(Extracted information)
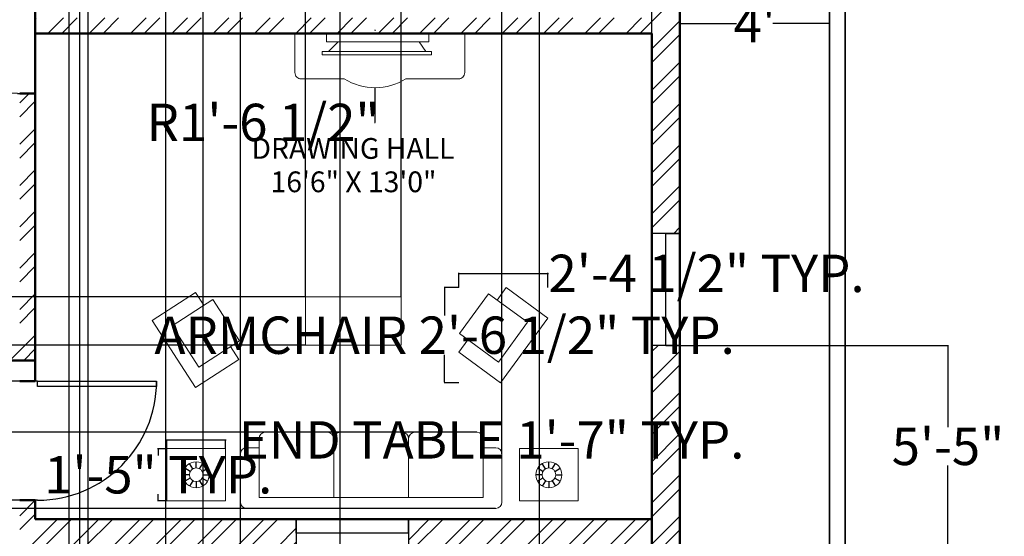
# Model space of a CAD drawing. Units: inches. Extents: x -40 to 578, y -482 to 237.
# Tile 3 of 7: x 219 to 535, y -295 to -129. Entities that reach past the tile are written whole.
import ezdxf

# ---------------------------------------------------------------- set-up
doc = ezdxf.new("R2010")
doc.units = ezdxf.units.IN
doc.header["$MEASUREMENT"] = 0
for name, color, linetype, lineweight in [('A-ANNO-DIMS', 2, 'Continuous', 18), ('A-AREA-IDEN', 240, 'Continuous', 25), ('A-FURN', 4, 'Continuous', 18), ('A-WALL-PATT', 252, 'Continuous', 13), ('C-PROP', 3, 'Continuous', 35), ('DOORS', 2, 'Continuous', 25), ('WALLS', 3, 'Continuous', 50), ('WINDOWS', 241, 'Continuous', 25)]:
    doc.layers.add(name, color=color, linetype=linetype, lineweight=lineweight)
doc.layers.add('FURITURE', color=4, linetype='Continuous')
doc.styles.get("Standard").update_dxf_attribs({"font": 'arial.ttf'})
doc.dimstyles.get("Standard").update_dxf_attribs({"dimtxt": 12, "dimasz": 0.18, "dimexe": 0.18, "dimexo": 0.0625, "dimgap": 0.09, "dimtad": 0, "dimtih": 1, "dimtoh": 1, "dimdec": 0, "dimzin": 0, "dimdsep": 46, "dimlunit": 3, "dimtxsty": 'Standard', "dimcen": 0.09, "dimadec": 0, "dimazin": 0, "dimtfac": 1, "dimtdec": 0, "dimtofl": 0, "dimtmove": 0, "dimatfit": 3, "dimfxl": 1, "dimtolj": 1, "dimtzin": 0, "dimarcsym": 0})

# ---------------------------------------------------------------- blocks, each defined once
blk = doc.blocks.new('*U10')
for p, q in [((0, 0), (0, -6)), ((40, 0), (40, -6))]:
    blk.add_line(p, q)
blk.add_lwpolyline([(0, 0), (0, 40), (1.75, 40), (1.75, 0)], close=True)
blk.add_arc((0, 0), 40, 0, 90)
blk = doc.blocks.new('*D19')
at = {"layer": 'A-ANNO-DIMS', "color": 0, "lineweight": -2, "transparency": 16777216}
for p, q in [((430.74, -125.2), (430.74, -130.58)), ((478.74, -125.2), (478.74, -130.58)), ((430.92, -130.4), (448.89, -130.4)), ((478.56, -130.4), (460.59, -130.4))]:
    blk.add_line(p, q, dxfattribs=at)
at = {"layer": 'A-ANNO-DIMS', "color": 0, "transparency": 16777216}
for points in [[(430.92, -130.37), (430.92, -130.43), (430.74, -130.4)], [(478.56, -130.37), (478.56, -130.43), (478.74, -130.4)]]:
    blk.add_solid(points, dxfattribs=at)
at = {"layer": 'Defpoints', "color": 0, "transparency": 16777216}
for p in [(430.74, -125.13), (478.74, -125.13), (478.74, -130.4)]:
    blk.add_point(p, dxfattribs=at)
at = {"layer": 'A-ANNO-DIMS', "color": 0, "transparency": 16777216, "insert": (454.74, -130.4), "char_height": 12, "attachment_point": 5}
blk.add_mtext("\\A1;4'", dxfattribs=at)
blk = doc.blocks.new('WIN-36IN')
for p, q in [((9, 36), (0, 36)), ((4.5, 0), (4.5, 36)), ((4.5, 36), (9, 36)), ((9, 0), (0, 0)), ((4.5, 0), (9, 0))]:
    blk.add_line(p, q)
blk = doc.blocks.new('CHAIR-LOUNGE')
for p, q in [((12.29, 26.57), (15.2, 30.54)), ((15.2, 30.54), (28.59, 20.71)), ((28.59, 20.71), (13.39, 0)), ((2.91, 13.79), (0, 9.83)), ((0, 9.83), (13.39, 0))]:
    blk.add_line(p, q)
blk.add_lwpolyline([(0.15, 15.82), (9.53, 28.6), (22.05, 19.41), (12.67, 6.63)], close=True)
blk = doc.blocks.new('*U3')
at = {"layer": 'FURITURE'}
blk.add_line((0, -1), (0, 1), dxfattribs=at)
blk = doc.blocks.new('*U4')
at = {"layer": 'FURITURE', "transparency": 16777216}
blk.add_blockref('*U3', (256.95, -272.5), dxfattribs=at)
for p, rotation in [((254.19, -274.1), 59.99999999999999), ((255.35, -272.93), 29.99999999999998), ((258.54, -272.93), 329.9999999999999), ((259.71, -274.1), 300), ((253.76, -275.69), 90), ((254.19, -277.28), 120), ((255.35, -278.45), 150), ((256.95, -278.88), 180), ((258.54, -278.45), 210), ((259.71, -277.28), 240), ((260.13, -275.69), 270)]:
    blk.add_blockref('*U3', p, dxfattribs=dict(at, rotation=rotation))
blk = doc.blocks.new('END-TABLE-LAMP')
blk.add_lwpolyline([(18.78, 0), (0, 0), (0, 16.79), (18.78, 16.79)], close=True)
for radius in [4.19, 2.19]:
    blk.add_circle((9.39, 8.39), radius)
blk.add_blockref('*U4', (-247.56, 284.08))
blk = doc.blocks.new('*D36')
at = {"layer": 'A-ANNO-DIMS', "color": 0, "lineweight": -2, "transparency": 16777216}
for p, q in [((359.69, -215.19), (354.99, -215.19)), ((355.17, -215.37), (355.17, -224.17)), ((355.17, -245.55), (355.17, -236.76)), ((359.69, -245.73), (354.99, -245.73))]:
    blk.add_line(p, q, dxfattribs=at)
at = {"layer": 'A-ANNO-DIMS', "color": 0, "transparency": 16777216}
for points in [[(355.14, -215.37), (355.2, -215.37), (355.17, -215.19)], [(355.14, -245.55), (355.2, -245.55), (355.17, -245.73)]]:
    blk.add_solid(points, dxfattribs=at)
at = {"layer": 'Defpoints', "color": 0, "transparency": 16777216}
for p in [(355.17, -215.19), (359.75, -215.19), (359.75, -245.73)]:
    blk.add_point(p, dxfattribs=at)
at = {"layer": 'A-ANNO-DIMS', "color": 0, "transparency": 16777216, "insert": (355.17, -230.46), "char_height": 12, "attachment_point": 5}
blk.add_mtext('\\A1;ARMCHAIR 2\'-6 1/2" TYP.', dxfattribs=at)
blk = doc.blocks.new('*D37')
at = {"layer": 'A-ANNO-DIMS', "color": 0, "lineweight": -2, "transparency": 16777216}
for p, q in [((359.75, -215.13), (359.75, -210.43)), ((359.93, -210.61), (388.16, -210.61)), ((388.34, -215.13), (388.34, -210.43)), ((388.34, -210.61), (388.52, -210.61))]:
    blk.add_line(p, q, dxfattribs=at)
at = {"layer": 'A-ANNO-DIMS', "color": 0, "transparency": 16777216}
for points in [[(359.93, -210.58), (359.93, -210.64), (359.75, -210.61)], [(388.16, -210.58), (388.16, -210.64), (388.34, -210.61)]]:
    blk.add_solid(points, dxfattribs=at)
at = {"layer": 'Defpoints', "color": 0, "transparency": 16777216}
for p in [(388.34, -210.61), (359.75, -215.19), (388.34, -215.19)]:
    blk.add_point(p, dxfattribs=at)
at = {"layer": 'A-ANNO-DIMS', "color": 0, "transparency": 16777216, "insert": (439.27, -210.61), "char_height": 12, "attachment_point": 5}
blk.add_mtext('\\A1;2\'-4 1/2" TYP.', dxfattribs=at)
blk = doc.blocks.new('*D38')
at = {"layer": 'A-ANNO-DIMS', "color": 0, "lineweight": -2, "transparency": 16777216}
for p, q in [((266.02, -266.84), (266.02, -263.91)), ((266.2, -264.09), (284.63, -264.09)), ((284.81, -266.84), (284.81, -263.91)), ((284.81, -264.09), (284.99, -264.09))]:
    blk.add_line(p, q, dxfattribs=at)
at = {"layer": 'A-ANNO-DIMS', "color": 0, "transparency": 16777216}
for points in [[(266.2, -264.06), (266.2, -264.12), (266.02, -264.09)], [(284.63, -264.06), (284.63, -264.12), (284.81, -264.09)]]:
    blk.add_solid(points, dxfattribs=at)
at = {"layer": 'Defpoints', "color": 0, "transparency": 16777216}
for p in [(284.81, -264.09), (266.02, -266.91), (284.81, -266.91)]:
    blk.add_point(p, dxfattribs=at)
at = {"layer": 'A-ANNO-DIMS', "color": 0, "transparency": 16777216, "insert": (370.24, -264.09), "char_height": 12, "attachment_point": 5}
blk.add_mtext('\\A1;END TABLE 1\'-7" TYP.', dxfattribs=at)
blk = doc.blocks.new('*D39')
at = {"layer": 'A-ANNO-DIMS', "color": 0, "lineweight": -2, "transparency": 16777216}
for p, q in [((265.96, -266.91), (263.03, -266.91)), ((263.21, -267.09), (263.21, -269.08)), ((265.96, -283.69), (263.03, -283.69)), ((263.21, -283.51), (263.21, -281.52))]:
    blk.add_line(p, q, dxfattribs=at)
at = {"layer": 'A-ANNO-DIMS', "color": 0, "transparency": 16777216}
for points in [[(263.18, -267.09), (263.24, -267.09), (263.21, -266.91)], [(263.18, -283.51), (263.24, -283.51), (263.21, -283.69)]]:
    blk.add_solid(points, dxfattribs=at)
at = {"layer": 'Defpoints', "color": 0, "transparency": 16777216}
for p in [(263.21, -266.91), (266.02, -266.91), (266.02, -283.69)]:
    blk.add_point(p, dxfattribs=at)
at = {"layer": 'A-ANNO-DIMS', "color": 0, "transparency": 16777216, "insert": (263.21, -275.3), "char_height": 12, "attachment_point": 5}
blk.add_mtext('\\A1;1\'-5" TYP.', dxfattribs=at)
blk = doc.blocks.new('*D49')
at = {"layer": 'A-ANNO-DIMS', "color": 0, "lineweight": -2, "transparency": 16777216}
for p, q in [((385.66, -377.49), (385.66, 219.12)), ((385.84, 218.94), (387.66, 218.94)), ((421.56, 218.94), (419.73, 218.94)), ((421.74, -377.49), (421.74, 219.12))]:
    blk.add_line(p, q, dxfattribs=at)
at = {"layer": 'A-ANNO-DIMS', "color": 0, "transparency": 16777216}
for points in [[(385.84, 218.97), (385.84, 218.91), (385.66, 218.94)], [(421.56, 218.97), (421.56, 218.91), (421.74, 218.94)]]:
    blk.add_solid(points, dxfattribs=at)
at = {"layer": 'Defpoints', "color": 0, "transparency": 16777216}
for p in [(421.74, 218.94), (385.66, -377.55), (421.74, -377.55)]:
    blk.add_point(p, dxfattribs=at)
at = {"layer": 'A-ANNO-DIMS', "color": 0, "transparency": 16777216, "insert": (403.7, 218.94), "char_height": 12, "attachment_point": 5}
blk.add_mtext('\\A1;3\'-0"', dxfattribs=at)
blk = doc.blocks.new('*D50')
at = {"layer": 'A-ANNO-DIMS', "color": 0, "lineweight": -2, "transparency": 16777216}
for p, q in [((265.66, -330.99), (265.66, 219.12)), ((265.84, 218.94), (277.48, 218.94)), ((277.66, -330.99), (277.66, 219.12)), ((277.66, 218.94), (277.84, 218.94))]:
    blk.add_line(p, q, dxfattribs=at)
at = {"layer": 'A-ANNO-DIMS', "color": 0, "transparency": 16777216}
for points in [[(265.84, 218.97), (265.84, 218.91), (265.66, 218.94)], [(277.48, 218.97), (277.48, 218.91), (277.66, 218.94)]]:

(Work required)
Exactly how many lines in the material above mention the word "name"? Give the number and nothing besides.

(Response)
2